══ DATA FOR THIS EXERCISE ══
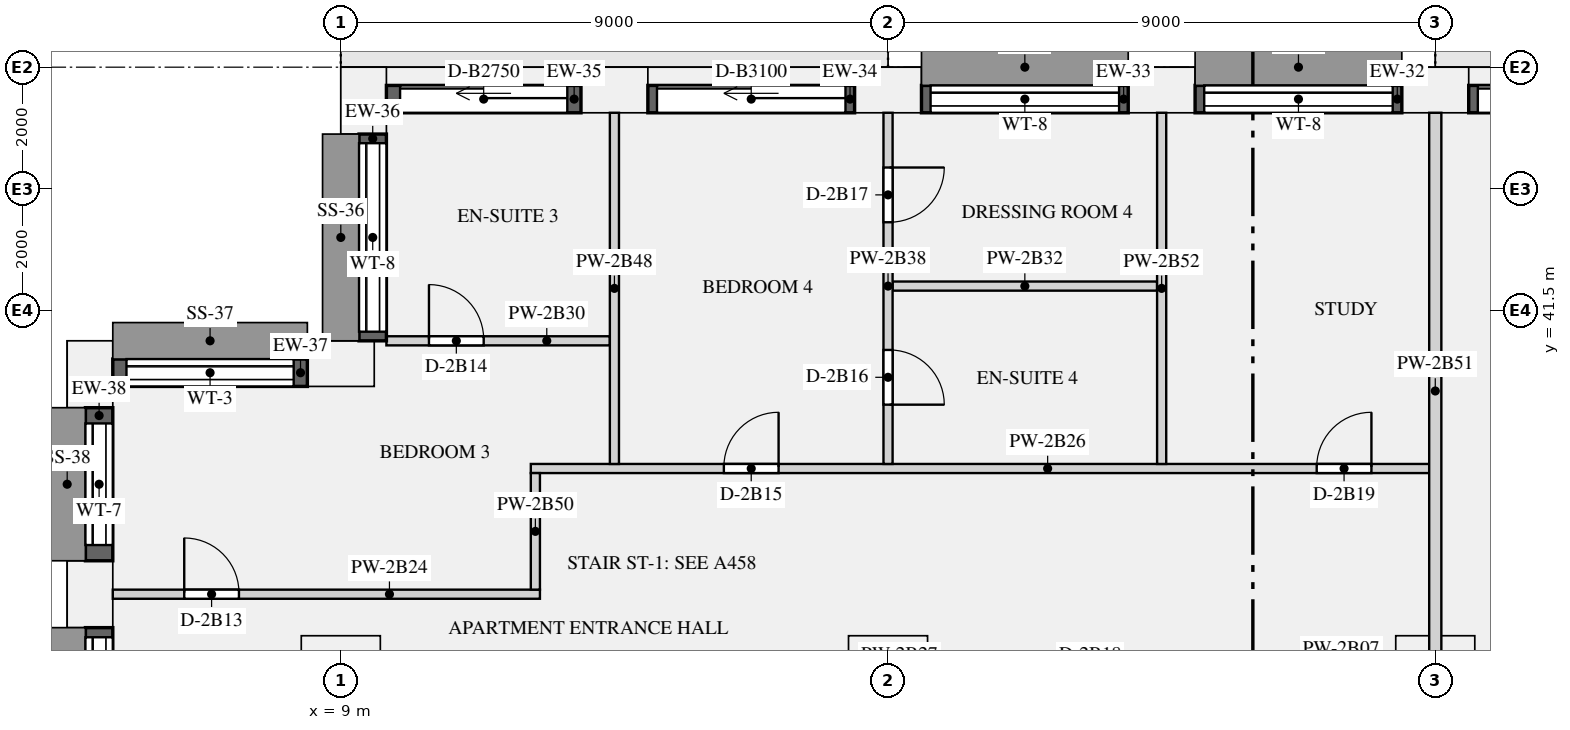
"""IFC4 building model, lengths in metres.
Left out: names, types, materials, properties, quantities, classifications, styles, units other than length and angle.
Written with IfcOpenShell. Run it as: python <this file> out.ifc"""

import sys

from ifc_helpers import new_model, si_unit, direction, frame, frame_2d, origin, origin_2d, place, context, subcontext, project, spatial, rectangle, extrude, element, fill, save


model = new_model("IFC4")
c1 = context("Model", 3, precision=1e-05, world=origin(), true_north=direction((0.0, 1.0)))
c2 = subcontext(c1, "Body", "Model", "MODEL_VIEW")
j1 = project(units=[si_unit("LENGTHUNIT", "METRE"), si_unit("PLANEANGLEUNIT", "RADIAN")], contexts=[c1])
p1 = place(None, origin())
s1 = spatial("IfcSite", under=j1, at=p1, CompositionType="ELEMENT")
p2 = place(p1, origin())
s2 = spatial("IfcBuilding", under=s1, at=p2, CompositionType="ELEMENT")
p3 = place(p2, frame((0.0, 0.0, 93.0)))
s3 = spatial("IfcBuildingStorey", under=s2, at=p3, CompositionType="ELEMENT", Elevation=93.0)
for number, where, z_axis, x_axis in (
    (1, (27.0, 45.125, 0.0), (0.0, 0.0, 1.0), (-1.0, 0.0, 0.0)),
    (2, (22.5, 45.125, 0.0), (0.0, 0.0, 1.0), (-1.0, 0.0, 0.0)),
    (3, (18.0, 45.125, 0.0), (0.0, 0.0, 1.0), (-1.0, 0.0, 0.0)),
    (4, (13.5, 45.125, 0.0), (0.0, 0.0, 1.0), (-1.0, 0.0, 0.0)),
    (5, (9.375, 44.95, 0.0), (0.0, 0.0, 1.0), (0.0, -1.0, 0.0)),
    (6, (9.0, 40.625, 0.0), (0.0, 0.0, 1.0), (-1.0, 0.0, 0.0)),
    (7, (4.875, 40.45, 0.0), (0.0, 0.0, 1.0), (0.0, -1.0, 0.0)),
    (8, (4.875, 36.833, 0.0), (0.0, 0.0, 1.0), (0.0, -1.0, 0.0)),
):
    element("IfcColumn", number, at=place(p3, frame(where, z_axis=z_axis, x_axis=x_axis)), inside=s3, PredefinedType="USERDEFINED", context=c2, shape_type="SweptSolid", body=[
        extrude(rectangle(XDim=1.1, YDim=0.75, at=origin_2d()), origin(), (0.0, 0.0, 1.0), 3.15),
    ])
for number, where, z_axis, x_axis in (
    (9, (9.0, 35.5, 0.0), (0.0, 0.0, 1.0), (1.0, 0.0, 0.0)),
    (10, (18.0, 35.5, 0.0), (0.0, 0.0, 1.0), (1.0, 0.0, 0.0)),
    (11, (27.0, 35.5, 0.0), (0.0, 0.0, 1.0), (1.0, 0.0, 0.0)),
):
    element("IfcColumn", number, at=place(p3, frame(where, z_axis=z_axis, x_axis=x_axis)), inside=s3, PredefinedType="COLUMN", context=c2, shape_type="SweptSolid", body=[
        extrude(rectangle(XDim=1.3, YDim=1.3, at=origin_2d()), origin(), (0.0, 0.0, 1.0), 3.15),
    ])
p4 = place(p3, frame((30.95, 44.975, 0.0), z_axis=(0.0, 0.0, 1.0), x_axis=(-1.0, 0.0, 0.0)))
e12 = element("IfcWall", 12, at=p4, inside=s3, PredefinedType="SOLIDWALL", context=c2, shape_type="SweptSolid", body=[
    extrude(rectangle(XDim=3.4, YDim=0.45, at=frame_2d((1.7, 0.0))), origin(), (0.0, 0.0, 1.0), 2.83),
])
p5 = place(p4, frame((0.15, 0.0, 0.0)))
e13 = element("IfcOpeningElement", 13, at=p5, cuts=e12, PredefinedType="OPENING", context=c2, shape_type="SweptSolid", body=[
    extrude(rectangle(XDim=3.1, YDim=2.3, at=frame_2d((1.55, 1.15))), frame((0.0, 0.235, 0.0), z_axis=(0.0, -1.0, 0.0), x_axis=(1.0, 0.0, 0.0)), (0.0, 0.0, 1.0), 0.47),
])
p6 = place(p3, frame((26.45, 44.975, 0.9), z_axis=(0.0, 0.0, 1.0), x_axis=(-1.0, 0.0, 0.0)))
e14 = element("IfcWall", 14, at=p6, inside=s3, PredefinedType="SOLIDWALL", context=c2, shape_type="SweptSolid", body=[
    extrude(rectangle(XDim=3.4, YDim=0.45, at=frame_2d((1.7, 0.0))), origin(), (0.0, 0.0, 1.0), 1.93),
])
p7 = place(p6, frame((0.15, 0.0, 0.15)))
e15 = element("IfcOpeningElement", 15, at=p7, cuts=e14, PredefinedType="OPENING", context=c2, shape_type="SweptSolid", body=[
    extrude(rectangle(XDim=3.1, YDim=1.5, at=frame_2d((1.55, 0.75))), frame((0.0, 0.235, 0.0), z_axis=(0.0, -1.0, 0.0), x_axis=(1.0, 0.0, 0.0)), (0.0, 0.0, 1.0), 0.47),
])
p8 = place(p3, frame((21.95, 44.975, 0.9), z_axis=(0.0, 0.0, 1.0), x_axis=(-1.0, 0.0, 0.0)))
e16 = element("IfcWall", 16, at=p8, inside=s3, PredefinedType="SOLIDWALL", context=c2, shape_type="SweptSolid", body=[
    extrude(rectangle(XDim=3.4, YDim=0.45, at=frame_2d((1.7, 0.0))), origin(), (0.0, 0.0, 1.0), 1.93),
])
p9 = place(p8, frame((0.15, 0.0, 0.15)))
e17 = element("IfcOpeningElement", 17, at=p9, cuts=e16, PredefinedType="OPENING", context=c2, shape_type="SweptSolid", body=[
    extrude(rectangle(XDim=3.1, YDim=1.5, at=frame_2d((1.55, 0.75))), frame((0.0, 0.235, 0.0), z_axis=(0.0, -1.0, 0.0), x_axis=(1.0, 0.0, 0.0)), (0.0, 0.0, 1.0), 0.47),
])
p10 = place(p3, frame((17.45, 44.975, 0.0), z_axis=(0.0, 0.0, 1.0), x_axis=(-1.0, 0.0, 0.0)))
e18 = element("IfcWall", 18, at=p10, inside=s3, PredefinedType="SOLIDWALL", context=c2, shape_type="SweptSolid", body=[
    extrude(rectangle(XDim=3.4, YDim=0.45, at=frame_2d((1.7, 0.0))), origin(), (0.0, 0.0, 1.0), 2.83),
])
p11 = place(p10, frame((0.15, 0.0, 0.0)))
e19 = element("IfcOpeningElement", 19, at=p11, cuts=e18, PredefinedType="OPENING", context=c2, shape_type="SweptSolid", body=[
    extrude(rectangle(XDim=3.1, YDim=2.3, at=frame_2d((1.55, 1.15))), frame((0.0, 0.235, 0.0), z_axis=(0.0, -1.0, 0.0), x_axis=(1.0, 0.0, 0.0)), (0.0, 0.0, 1.0), 0.47),
])
p12 = place(p3, frame((12.95, 44.975, 0.0), z_axis=(0.0, 0.0, 1.0), x_axis=(-1.0, 0.0, 0.0)))
e20 = element("IfcWall", 20, at=p12, inside=s3, PredefinedType="SOLIDWALL", context=c2, shape_type="SweptSolid", body=[
    extrude(rectangle(XDim=3.2, YDim=0.45, at=frame_2d((1.6, 0.0))), origin(), (0.0, 0.0, 1.0), 2.83),
])
p13 = place(p12, frame((0.225, 0.0, 0.0)))
e21 = element("IfcOpeningElement", 21, at=p13, cuts=e20, PredefinedType="OPENING", context=c2, shape_type="SweptSolid", body=[
    extrude(rectangle(XDim=2.75, YDim=2.3, at=frame_2d((1.375, 1.15))), frame((0.0, 0.235, 0.0), z_axis=(0.0, -1.0, 0.0), x_axis=(1.0, 0.0, 0.0)), (0.0, 0.0, 1.0), 0.47),
])
p14 = place(p3, frame((9.525, 44.4, 0.9), z_axis=(0.0, 0.0, 1.0), x_axis=(0.0, -1.0, 0.0)))
e22 = element("IfcWall", 22, at=p14, inside=s3, PredefinedType="SOLIDWALL", context=c2, shape_type="SweptSolid", body=[
    extrude(rectangle(XDim=3.4, YDim=0.45, at=frame_2d((1.7, 0.0))), origin(), (0.0, 0.0, 1.0), 1.93),
])
p15 = place(p14, frame((0.15, 0.0, 0.15)))
e23 = element("IfcOpeningElement", 23, at=p15, cuts=e22, PredefinedType="OPENING", context=c2, shape_type="SweptSolid", body=[
    extrude(rectangle(XDim=3.1, YDim=1.5, at=frame_2d((1.55, 0.75))), frame((0.0, 0.235, 0.0), z_axis=(0.0, -1.0, 0.0), x_axis=(1.0, 0.0, 0.0)), (0.0, 0.0, 1.0), 0.47),
])
p16 = place(p3, frame((8.45, 40.475, 0.9), z_axis=(0.0, 0.0, 1.0), x_axis=(-1.0, 0.0, 0.0)))
e24 = element("IfcWall", 24, at=p16, inside=s3, PredefinedType="SOLIDWALL", context=c2, shape_type="SweptSolid", body=[
    extrude(rectangle(XDim=3.2, YDim=0.45, at=frame_2d((1.6, 0.0))), origin(), (0.0, 0.0, 1.0), 1.93),
])
p17 = place(p16, frame((0.225, 0.0, 0.15)))
e25 = element("IfcOpeningElement", 25, at=p17, cuts=e24, PredefinedType="OPENING", context=c2, shape_type="SweptSolid", body=[
    extrude(rectangle(XDim=2.75, YDim=1.5, at=frame_2d((1.375, 0.75))), frame((0.0, 0.235, 0.0), z_axis=(0.0, -1.0, 0.0), x_axis=(1.0, 0.0, 0.0)), (0.0, 0.0, 1.0), 0.47),
])
p18 = place(p3, frame((5.025, 39.9, 0.9), z_axis=(0.0, 0.0, 1.0), x_axis=(0.0, -1.0, 0.0)))
e26 = element("IfcWall", 26, at=p18, inside=s3, PredefinedType="SOLIDWALL", context=c2, shape_type="SweptSolid", body=[
    extrude(rectangle(XDim=2.517, YDim=0.45, at=frame_2d((1.258, 0.0))), origin(), (0.0, 0.0, 1.0), 1.93),
])
p19 = place(p18, frame((0.259, 0.0, 0.15)))
e27 = element("IfcOpeningElement", 27, at=p19, cuts=e26, PredefinedType="OPENING", context=c2, shape_type="SweptSolid", body=[
    extrude(rectangle(XDim=2.0, YDim=1.5, at=frame_2d((1.0, 0.75))), frame((0.0, 0.235, 0.0), z_axis=(0.0, -1.0, 0.0), x_axis=(1.0, 0.0, 0.0)), (0.0, 0.0, 1.0), 0.47),
])
p20 = place(p3, frame((5.025, 36.283, 0.9), z_axis=(0.0, 0.0, 1.0), x_axis=(0.0, -1.0, 0.0)))
e28 = element("IfcWall", 28, at=p20, inside=s3, PredefinedType="SOLIDWALL", context=c2, shape_type="SweptSolid", body=[
    extrude(rectangle(XDim=3.066, YDim=0.45, at=frame_2d((1.533, 0.0))), origin(), (0.0, 0.0, 1.0), 1.93),
])
p21 = place(p20, frame((0.158, 0.0, 0.15)))
e29 = element("IfcOpeningElement", 29, at=p21, cuts=e28, PredefinedType="OPENING", context=c2, shape_type="SweptSolid", body=[
    extrude(rectangle(XDim=2.75, YDim=1.5, at=frame_2d((1.375, 0.75))), frame((0.0, 0.235, 0.0), z_axis=(0.0, -1.0, 0.0), x_axis=(1.0, 0.0, 0.0)), (0.0, 0.0, 1.0), 0.47),
])
p22 = place(p3, frame((5.25, 36.833, 0.0), z_axis=(0.0, 0.0, 1.0), x_axis=(1.0, 0.0, 0.0)))
e30 = element("IfcWall", 30, at=p22, inside=s3, PredefinedType="PARTITIONING", context=c2, shape_type="SweptSolid", body=[
    extrude(rectangle(XDim=7.025, YDim=0.15, at=frame_2d((3.512, 0.0))), origin(), (0.0, 0.0, 1.0), 2.83),
])
p23 = place(p22, frame((1.175, 0.0, 0.0)))
e31 = element("IfcOpeningElement", 31, at=p23, cuts=e30, PredefinedType="OPENING", context=c2, shape_type="SweptSolid", body=[
    extrude(rectangle(XDim=0.9, YDim=2.1, at=frame_2d((0.45, 1.05))), frame((0.0, 0.085, 0.0), z_axis=(0.0, -1.0, 0.0), x_axis=(1.0, 0.0, 0.0)), (0.0, 0.0, 1.0), 0.17),
])
p24 = place(p3, frame((12.125, 38.9, 0.0), z_axis=(0.0, 0.0, 1.0), x_axis=(1.0, 0.0, 0.0)))
e32 = element("IfcWall", 32, at=p24, inside=s3, PredefinedType="PARTITIONING", context=c2, shape_type="SweptSolid", body=[
    extrude(rectangle(XDim=14.775, YDim=0.15, at=frame_2d((7.387, 0.0))), origin(), (0.0, 0.0, 1.0), 2.83),
])
p25 = place(p24, frame((3.175, 0.0, 0.0)))
e33 = element("IfcOpeningElement", 33, at=p25, cuts=e32, PredefinedType="OPENING", context=c2, shape_type="SweptSolid", body=[
    extrude(rectangle(XDim=0.9, YDim=2.1, at=frame_2d((0.45, 1.05))), frame((0.0, 0.085, 0.0), z_axis=(0.0, -1.0, 0.0), x_axis=(1.0, 0.0, 0.0)), (0.0, 0.0, 1.0), 0.17),
])
p26 = place(p24, frame((12.925, 0.0, 0.0)))
e34 = element("IfcOpeningElement", 34, at=p26, cuts=e32, PredefinedType="OPENING", context=c2, shape_type="SweptSolid", body=[
    extrude(rectangle(XDim=0.9, YDim=2.1, at=frame_2d((0.45, 1.05))), frame((0.0, 0.085, 0.0), z_axis=(0.0, -1.0, 0.0), x_axis=(1.0, 0.0, 0.0)), (0.0, 0.0, 1.0), 0.17),
])
p27 = place(p3, frame((9.75, 41.0, 0.0), z_axis=(0.0, 0.0, 1.0), x_axis=(1.0, 0.0, 0.0)))
e35 = element("IfcWall", 35, at=p27, inside=s3, PredefinedType="PARTITIONING", context=c2, shape_type="SweptSolid", body=[
    extrude(rectangle(XDim=3.675, YDim=0.15, at=frame_2d((1.837, 0.0))), origin(), (0.0, 0.0, 1.0), 2.83),
])
p28 = place(p27, frame((0.7, 0.0, 0.0)))
e36 = element("IfcOpeningElement", 36, at=p28, cuts=e35, PredefinedType="OPENING", context=c2, shape_type="SweptSolid", body=[
    extrude(rectangle(XDim=0.9, YDim=2.1, at=frame_2d((0.45, 1.05))), frame((0.0, 0.085, 0.0), z_axis=(0.0, -1.0, 0.0), x_axis=(1.0, 0.0, 0.0)), (0.0, 0.0, 1.0), 0.17),
])
p29 = place(p3, frame((18.075, 41.9, 0.0), z_axis=(0.0, 0.0, 1.0), x_axis=(1.0, 0.0, 0.0)))
e37 = element("IfcWall", 37, at=p29, inside=s3, PredefinedType="PARTITIONING", context=c2, shape_type="SweptSolid", body=[
    extrude(rectangle(XDim=4.35, YDim=0.15, at=frame_2d((2.175, 0.0))), origin(), (0.0, 0.0, 1.0), 2.83),
])
p30 = place(p3, frame((18.0, 38.975, 0.0), z_axis=(0.0, 0.0, 1.0), x_axis=(0.0, 1.0, 0.0)))
e38 = element("IfcWall", 38, at=p30, inside=s3, PredefinedType="PARTITIONING", context=c2, shape_type="SweptSolid", body=[
    extrude(rectangle(XDim=5.775, YDim=0.15, at=frame_2d((2.887, 0.0))), origin(), (0.0, 0.0, 1.0), 2.83),
])
p31 = place(p30, frame((0.975, 0.0, 0.0)))
e39 = element("IfcOpeningElement", 39, at=p31, cuts=e38, PredefinedType="OPENING", context=c2, shape_type="SweptSolid", body=[
    extrude(rectangle(XDim=0.9, YDim=2.1, at=frame_2d((0.45, 1.05))), frame((0.0, 0.085, 0.0), z_axis=(0.0, -1.0, 0.0), x_axis=(1.0, 0.0, 0.0)), (0.0, 0.0, 1.0), 0.17),
])
p32 = place(p30, frame((3.975, 0.0, 0.0)))
e40 = element("IfcOpeningElement", 40, at=p32, cuts=e38, PredefinedType="OPENING", context=c2, shape_type="SweptSolid", body=[
    extrude(rectangle(XDim=0.9, YDim=2.1, at=frame_2d((0.45, 1.05))), frame((0.0, 0.085, 0.0), z_axis=(0.0, -1.0, 0.0), x_axis=(1.0, 0.0, 0.0)), (0.0, 0.0, 1.0), 0.17),
])
p33 = place(p3, frame((13.5, 38.975, 0.0), z_axis=(0.0, 0.0, 1.0), x_axis=(0.0, 1.0, 0.0)))
e41 = element("IfcWall", 41, at=p33, inside=s3, PredefinedType="PARTITIONING", context=c2, shape_type="SweptSolid", body=[
    extrude(rectangle(XDim=5.775, YDim=0.15, at=frame_2d((2.887, 0.0))), origin(), (0.0, 0.0, 1.0), 2.83),
])
p34 = place(p3, frame((12.2, 36.908, 0.0), z_axis=(0.0, 0.0, 1.0), x_axis=(0.0, 1.0, 0.0)))
e42 = element("IfcWall", 42, at=p34, inside=s3, PredefinedType="PARTITIONING", context=c2, shape_type="SweptSolid", body=[
    extrude(rectangle(XDim=1.917, YDim=0.15, at=frame_2d((0.958, 0.0))), origin(), (0.0, 0.0, 1.0), 2.83),
])
p35 = place(p3, frame((27.0, 35.6, 0.0), z_axis=(0.0, 0.0, 1.0), x_axis=(0.0, 1.0, 0.0)))
e43 = element("IfcWall", 43, at=p35, inside=s3, PredefinedType="PARTITIONING", context=c2, shape_type="SweptSolid", body=[
    extrude(rectangle(XDim=9.15, YDim=0.2, at=frame_2d((4.575, 0.0))), origin(), (0.0, 0.0, 1.0), 2.83),
])
p36 = place(p3, frame((22.5, 38.975, 0.0), z_axis=(0.0, 0.0, 1.0), x_axis=(0.0, 1.0, 0.0)))
e44 = element("IfcWall", 44, at=p36, inside=s3, PredefinedType="PARTITIONING", context=c2, shape_type="SweptSolid", body=[
    extrude(rectangle(XDim=5.775, YDim=0.15, at=frame_2d((2.887, 0.0))), origin(), (0.0, 0.0, 1.0), 2.83),
])
p37 = place(p5, origin())
e45 = element("IfcDoor", 45, at=p37, inside=s3, OperationType="SLIDING_TO_LEFT", PredefinedType="DOOR", context=c2, shape_type="SweptSolid", body=[
    extrude(rectangle(XDim=3.1, YDim=2.3, at=frame_2d((1.55, 1.15))), frame((0.0, -0.07, 0.0), z_axis=(0.0, -1.0, 0.0), x_axis=(1.0, 0.0, 0.0)), (0.0, 0.0, 1.0), 0.05),
])
fill(e13, e45)
p38 = place(p7, origin())
e46 = element("IfcWindow", 46, at=p38, inside=s3, PartitioningType="SINGLE_PANEL", PredefinedType="WINDOW", context=c2, shape_type="SweptSolid", body=[
    extrude(rectangle(XDim=3.1, YDim=1.5, at=frame_2d((1.55, 0.75))), frame((0.0, -0.065, 0.0), z_axis=(0.0, -1.0, 0.0), x_axis=(1.0, 0.0, 0.0)), (0.0, 0.0, 1.0), 0.06),
])
fill(e15, e46)
p39 = place(p9, origin())
e47 = element("IfcWindow", 47, at=p39, inside=s3, PartitioningType="SINGLE_PANEL", PredefinedType="WINDOW", context=c2, shape_type="SweptSolid", body=[
    extrude(rectangle(XDim=3.1, YDim=1.5, at=frame_2d((1.55, 0.75))), frame((0.0, -0.065, 0.0), z_axis=(0.0, -1.0, 0.0), x_axis=(1.0, 0.0, 0.0)), (0.0, 0.0, 1.0), 0.06),
])
fill(e17, e47)
p40 = place(p11, origin())
e48 = element("IfcDoor", 48, at=p40, inside=s3, OperationType="SLIDING_TO_LEFT", PredefinedType="DOOR", context=c2, shape_type="SweptSolid", body=[
    extrude(rectangle(XDim=3.1, YDim=2.3, at=frame_2d((1.55, 1.15))), frame((0.0, -0.07, 0.0), z_axis=(0.0, -1.0, 0.0), x_axis=(1.0, 0.0, 0.0)), (0.0, 0.0, 1.0), 0.05),
])
fill(e19, e48)
p41 = place(p13, origin())
e49 = element("IfcDoor", 49, at=p41, inside=s3, OperationType="SLIDING_TO_LEFT", PredefinedType="DOOR", context=c2, shape_type="SweptSolid", body=[
    extrude(rectangle(XDim=2.75, YDim=2.3, at=frame_2d((1.375, 1.15))), frame((0.0, -0.07, 0.0), z_axis=(0.0, -1.0, 0.0), x_axis=(1.0, 0.0, 0.0)), (0.0, 0.0, 1.0), 0.05),
])
fill(e21, e49)
p42 = place(p15, origin())
e50 = element("IfcWindow", 50, at=p42, inside=s3, PartitioningType="SINGLE_PANEL", PredefinedType="WINDOW", context=c2, shape_type="SweptSolid", body=[
    extrude(rectangle(XDim=3.1, YDim=1.5, at=frame_2d((1.55, 0.75))), frame((0.0, -0.065, 0.0), z_axis=(0.0, -1.0, 0.0), x_axis=(1.0, 0.0, 0.0)), (0.0, 0.0, 1.0), 0.06),
])
fill(e23, e50)
p43 = place(p17, origin())
e51 = element("IfcWindow", 51, at=p43, inside=s3, PartitioningType="SINGLE_PANEL", PredefinedType="WINDOW", context=c2, shape_type="SweptSolid", body=[
    extrude(rectangle(XDim=2.75, YDim=1.5, at=frame_2d((1.375, 0.75))), frame((0.0, -0.065, 0.0), z_axis=(0.0, -1.0, 0.0), x_axis=(1.0, 0.0, 0.0)), (0.0, 0.0, 1.0), 0.06),
])
fill(e25, e51)
p44 = place(p19, origin())
e52 = element("IfcWindow", 52, at=p44, inside=s3, PartitioningType="SINGLE_PANEL", PredefinedType="WINDOW", context=c2, shape_type="SweptSolid", body=[
    extrude(rectangle(XDim=2.0, YDim=1.5, at=frame_2d((1.0, 0.75))), frame((0.0, -0.065, 0.0), z_axis=(0.0, -1.0, 0.0), x_axis=(1.0, 0.0, 0.0)), (0.0, 0.0, 1.0), 0.06),
])
fill(e27, e52)
p45 = place(p21, origin())
e53 = element("IfcWindow", 53, at=p45, inside=s3, PartitioningType="SINGLE_PANEL", PredefinedType="WINDOW", context=c2, shape_type="SweptSolid", body=[
    extrude(rectangle(XDim=2.75, YDim=1.5, at=frame_2d((1.375, 0.75))), frame((0.0, -0.065, 0.0), z_axis=(0.0, -1.0, 0.0), x_axis=(1.0, 0.0, 0.0)), (0.0, 0.0, 1.0), 0.06),
])
fill(e29, e53)
p46 = place(p23, origin())
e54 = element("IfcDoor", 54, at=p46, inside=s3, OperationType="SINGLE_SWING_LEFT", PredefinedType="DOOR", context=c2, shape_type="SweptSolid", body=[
═══
PROMPT: Search the listing for the word "fill" and return each line that holds it.

SOLUTION:
from ifc_helpers import new_model, si_unit, direction, frame, frame_2d, origin, origin_2d, place, context, subcontext, project, spatial, rectangle, extrude, element, fill, save
fill(e13, e45)
fill(e15, e46)
fill(e17, e47)
fill(e19, e48)
fill(e21, e49)
fill(e23, e50)
fill(e25, e51)
fill(e27, e52)
fill(e29, e53)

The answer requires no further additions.